▼▼▼

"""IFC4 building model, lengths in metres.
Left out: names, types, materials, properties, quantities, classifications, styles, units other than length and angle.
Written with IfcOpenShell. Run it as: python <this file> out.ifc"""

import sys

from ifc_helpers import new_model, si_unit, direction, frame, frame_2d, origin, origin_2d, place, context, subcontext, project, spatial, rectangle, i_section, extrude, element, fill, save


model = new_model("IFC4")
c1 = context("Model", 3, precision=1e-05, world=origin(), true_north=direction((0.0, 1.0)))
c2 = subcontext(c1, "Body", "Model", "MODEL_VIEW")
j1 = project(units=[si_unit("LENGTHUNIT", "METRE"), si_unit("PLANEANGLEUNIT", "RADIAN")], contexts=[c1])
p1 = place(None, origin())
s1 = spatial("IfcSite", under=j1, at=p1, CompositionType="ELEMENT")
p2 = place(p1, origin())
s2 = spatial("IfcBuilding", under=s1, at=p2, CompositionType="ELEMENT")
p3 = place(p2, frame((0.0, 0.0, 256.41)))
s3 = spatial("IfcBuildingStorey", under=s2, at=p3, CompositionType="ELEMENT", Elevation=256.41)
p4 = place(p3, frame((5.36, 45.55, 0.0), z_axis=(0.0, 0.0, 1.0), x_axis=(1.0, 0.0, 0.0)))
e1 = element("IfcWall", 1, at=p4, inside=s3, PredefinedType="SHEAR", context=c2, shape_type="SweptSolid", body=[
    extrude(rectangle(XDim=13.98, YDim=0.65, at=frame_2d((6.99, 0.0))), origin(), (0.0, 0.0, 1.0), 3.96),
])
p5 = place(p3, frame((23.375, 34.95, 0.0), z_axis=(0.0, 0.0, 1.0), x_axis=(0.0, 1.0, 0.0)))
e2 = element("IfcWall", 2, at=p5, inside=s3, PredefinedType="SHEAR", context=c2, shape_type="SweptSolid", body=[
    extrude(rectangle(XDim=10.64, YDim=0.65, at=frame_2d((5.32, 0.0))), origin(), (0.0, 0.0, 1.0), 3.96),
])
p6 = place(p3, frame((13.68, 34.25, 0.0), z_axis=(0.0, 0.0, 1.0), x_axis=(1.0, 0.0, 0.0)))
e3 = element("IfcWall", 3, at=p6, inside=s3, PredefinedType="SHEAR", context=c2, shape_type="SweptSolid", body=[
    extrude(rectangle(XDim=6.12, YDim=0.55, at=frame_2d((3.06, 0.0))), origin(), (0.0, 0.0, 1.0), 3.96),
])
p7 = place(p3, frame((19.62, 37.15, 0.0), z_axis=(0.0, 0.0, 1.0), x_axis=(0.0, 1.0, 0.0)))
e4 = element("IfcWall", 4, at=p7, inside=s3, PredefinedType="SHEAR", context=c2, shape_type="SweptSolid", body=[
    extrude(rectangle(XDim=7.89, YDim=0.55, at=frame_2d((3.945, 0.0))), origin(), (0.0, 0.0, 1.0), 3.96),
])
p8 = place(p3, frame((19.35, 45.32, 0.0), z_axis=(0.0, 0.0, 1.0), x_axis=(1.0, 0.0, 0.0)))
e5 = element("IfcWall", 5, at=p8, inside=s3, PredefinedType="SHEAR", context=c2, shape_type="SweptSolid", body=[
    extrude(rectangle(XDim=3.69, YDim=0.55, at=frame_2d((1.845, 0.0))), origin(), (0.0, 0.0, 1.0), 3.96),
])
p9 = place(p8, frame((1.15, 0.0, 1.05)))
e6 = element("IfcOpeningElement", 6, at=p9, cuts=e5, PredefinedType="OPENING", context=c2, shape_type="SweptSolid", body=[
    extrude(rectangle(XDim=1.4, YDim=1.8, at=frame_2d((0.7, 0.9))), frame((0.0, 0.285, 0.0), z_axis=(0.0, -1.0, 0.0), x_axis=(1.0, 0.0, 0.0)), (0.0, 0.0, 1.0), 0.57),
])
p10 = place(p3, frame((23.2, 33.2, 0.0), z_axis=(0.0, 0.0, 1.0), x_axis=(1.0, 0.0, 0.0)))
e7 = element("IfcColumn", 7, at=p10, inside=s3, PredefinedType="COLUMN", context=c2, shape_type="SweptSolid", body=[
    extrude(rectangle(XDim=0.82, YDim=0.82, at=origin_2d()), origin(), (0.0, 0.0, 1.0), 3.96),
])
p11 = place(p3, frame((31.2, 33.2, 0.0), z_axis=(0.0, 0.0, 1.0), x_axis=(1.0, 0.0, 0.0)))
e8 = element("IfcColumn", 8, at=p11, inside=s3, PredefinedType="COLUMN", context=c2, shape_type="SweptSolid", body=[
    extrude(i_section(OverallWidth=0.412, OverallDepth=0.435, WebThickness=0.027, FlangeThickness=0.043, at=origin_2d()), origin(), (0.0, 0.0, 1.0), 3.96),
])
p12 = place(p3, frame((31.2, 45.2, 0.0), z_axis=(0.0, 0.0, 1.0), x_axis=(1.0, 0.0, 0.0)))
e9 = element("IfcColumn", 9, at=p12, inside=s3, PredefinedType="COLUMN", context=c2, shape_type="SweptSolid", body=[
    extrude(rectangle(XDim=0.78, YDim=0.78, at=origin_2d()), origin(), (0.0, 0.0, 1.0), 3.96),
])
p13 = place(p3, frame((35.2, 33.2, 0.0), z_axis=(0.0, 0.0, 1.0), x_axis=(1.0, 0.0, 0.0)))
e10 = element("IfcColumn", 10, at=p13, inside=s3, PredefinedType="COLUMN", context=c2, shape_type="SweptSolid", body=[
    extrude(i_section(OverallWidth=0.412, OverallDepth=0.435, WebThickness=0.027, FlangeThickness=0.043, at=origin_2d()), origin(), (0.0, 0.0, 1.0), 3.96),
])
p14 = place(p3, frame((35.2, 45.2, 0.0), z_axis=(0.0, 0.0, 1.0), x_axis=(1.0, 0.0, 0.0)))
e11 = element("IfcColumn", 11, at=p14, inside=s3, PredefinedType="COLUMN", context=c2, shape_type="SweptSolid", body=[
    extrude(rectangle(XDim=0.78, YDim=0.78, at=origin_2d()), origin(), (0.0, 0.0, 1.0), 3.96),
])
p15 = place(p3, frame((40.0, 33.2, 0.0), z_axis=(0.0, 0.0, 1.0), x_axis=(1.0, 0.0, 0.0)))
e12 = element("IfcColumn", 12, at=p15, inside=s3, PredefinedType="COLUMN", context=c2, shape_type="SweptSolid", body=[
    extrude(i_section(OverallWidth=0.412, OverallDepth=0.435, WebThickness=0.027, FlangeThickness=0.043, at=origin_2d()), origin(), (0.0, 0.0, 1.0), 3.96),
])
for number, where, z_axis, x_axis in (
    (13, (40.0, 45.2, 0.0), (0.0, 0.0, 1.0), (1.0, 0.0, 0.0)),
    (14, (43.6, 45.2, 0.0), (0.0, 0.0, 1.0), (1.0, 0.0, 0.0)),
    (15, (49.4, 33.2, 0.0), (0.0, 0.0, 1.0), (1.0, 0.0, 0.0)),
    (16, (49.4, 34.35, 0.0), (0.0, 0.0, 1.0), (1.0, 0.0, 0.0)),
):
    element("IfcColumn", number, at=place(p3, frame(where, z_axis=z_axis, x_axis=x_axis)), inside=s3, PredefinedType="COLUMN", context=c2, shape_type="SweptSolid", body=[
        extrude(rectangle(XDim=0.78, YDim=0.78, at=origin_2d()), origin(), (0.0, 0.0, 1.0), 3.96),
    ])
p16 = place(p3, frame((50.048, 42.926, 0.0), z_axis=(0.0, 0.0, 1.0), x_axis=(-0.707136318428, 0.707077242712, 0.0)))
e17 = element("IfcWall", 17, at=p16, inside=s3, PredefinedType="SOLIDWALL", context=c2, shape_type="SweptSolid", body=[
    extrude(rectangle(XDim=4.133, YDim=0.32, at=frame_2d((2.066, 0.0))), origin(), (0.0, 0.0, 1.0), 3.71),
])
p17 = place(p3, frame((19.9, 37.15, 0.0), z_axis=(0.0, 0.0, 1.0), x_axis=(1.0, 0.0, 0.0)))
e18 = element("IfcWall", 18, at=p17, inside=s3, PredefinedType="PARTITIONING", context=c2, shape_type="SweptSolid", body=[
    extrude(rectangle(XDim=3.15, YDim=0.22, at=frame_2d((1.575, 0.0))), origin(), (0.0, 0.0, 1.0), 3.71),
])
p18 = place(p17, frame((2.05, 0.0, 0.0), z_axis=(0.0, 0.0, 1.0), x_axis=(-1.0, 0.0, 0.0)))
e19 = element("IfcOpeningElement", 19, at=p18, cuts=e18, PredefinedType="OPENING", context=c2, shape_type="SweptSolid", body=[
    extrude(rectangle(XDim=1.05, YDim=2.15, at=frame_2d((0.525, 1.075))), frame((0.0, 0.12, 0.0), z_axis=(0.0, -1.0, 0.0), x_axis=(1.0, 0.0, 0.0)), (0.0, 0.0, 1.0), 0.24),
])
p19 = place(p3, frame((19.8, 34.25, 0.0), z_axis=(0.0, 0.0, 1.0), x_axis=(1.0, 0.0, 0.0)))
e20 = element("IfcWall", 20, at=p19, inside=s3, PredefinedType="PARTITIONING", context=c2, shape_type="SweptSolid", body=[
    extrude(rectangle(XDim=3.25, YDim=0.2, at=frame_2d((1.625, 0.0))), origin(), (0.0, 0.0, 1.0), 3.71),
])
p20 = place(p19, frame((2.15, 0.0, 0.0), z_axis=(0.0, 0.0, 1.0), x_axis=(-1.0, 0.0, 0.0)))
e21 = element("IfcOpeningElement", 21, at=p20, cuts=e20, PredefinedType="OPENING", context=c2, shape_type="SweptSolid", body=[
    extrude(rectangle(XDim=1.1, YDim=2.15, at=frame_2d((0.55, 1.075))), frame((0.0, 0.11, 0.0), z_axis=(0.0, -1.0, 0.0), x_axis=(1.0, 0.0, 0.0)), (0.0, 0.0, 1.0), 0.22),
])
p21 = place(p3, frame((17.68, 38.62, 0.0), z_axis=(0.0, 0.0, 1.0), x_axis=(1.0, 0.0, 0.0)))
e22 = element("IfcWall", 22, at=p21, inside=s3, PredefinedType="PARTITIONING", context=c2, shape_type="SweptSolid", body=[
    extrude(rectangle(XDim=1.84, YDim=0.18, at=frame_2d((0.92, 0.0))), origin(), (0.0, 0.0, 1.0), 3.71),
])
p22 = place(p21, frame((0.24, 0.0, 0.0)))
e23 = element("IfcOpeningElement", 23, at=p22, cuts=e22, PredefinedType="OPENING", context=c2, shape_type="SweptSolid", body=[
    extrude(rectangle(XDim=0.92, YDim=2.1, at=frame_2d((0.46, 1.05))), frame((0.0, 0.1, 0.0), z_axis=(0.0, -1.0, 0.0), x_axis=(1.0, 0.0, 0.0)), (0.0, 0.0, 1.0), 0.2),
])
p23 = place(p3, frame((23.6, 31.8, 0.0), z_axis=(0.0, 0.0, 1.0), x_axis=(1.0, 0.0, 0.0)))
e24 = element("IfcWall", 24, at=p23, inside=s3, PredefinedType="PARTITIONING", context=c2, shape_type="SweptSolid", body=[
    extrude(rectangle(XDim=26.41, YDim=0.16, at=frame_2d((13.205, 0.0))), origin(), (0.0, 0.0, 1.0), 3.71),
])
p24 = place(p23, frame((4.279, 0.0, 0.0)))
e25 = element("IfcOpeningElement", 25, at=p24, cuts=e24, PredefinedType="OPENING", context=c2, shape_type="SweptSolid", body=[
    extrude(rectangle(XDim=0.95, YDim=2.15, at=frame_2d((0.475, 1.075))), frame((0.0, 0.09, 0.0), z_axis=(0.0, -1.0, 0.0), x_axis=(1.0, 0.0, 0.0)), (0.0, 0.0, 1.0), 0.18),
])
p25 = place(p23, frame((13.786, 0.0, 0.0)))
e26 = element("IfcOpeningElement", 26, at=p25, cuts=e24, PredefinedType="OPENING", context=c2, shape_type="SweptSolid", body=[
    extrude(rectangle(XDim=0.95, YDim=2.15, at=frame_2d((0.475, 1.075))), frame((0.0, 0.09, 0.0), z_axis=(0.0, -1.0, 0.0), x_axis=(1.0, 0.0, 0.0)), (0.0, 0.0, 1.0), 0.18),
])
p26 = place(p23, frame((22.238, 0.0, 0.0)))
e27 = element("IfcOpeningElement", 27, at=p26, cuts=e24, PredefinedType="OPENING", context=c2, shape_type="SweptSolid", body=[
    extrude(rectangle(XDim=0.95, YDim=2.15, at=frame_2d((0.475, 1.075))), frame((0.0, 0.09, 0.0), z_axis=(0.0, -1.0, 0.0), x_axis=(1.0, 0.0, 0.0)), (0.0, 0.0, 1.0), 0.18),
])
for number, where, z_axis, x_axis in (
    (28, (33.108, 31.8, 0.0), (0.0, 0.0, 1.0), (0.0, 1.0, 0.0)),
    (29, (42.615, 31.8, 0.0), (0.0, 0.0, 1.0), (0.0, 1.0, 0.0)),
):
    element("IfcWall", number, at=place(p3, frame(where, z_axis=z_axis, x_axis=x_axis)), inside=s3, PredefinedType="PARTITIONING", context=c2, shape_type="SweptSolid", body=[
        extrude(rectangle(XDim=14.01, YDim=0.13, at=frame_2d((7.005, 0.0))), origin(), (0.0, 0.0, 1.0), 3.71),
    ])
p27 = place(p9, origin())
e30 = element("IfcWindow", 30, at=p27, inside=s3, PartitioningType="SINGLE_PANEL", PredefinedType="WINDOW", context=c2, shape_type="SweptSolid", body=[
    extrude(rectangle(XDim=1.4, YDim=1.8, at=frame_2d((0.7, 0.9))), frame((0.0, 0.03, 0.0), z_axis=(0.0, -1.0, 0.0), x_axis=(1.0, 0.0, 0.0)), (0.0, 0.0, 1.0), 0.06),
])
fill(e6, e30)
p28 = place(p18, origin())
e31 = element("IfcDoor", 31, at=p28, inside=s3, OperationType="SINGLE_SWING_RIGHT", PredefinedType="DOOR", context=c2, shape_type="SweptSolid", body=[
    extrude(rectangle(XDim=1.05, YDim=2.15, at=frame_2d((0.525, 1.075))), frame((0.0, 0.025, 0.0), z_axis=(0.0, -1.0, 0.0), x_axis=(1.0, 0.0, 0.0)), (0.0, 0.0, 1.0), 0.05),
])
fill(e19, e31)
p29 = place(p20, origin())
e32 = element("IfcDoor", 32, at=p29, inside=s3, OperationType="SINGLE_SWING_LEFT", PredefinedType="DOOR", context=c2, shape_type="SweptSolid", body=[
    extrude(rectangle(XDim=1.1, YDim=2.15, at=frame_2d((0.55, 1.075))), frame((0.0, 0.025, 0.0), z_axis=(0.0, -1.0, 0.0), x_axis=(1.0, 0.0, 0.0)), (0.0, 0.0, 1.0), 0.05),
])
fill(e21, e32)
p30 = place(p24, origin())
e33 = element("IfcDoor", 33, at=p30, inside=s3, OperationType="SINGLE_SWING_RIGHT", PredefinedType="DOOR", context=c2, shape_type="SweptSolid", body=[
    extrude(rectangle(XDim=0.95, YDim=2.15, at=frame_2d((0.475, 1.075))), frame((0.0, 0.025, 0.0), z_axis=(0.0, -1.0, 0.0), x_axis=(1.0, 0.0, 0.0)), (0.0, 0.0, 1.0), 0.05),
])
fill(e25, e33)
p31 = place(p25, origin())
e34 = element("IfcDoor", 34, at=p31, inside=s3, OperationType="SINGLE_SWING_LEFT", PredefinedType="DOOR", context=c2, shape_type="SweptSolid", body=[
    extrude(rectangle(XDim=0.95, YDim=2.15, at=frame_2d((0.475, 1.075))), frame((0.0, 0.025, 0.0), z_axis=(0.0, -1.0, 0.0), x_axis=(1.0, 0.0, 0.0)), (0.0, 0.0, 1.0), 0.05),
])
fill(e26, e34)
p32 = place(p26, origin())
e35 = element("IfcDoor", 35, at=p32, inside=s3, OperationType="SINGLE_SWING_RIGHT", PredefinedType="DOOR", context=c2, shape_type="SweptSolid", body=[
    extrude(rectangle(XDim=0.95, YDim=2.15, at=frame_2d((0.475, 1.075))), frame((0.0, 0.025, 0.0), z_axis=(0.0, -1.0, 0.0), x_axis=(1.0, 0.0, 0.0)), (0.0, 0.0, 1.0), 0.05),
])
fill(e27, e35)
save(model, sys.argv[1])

▲▲▲

### Problem requirements
Lines holding the word "SHEAR" are the answer; copy every one from the records above.

### Task result
e1 = element("IfcWall", 1, at=p4, inside=s3, PredefinedType="SHEAR", context=c2, shape_type="SweptSolid", body=[
e2 = element("IfcWall", 2, at=p5, inside=s3, PredefinedType="SHEAR", context=c2, shape_type="SweptSolid", body=[
e3 = element("IfcWall", 3, at=p6, inside=s3, PredefinedType="SHEAR", context=c2, shape_type="SweptSolid", body=[
e4 = element("IfcWall", 4, at=p7, inside=s3, PredefinedType="SHEAR", context=c2, shape_type="SweptSolid", body=[
e5 = element("IfcWall", 5, at=p8, inside=s3, PredefinedType="SHEAR", context=c2, shape_type="SweptSolid", body=[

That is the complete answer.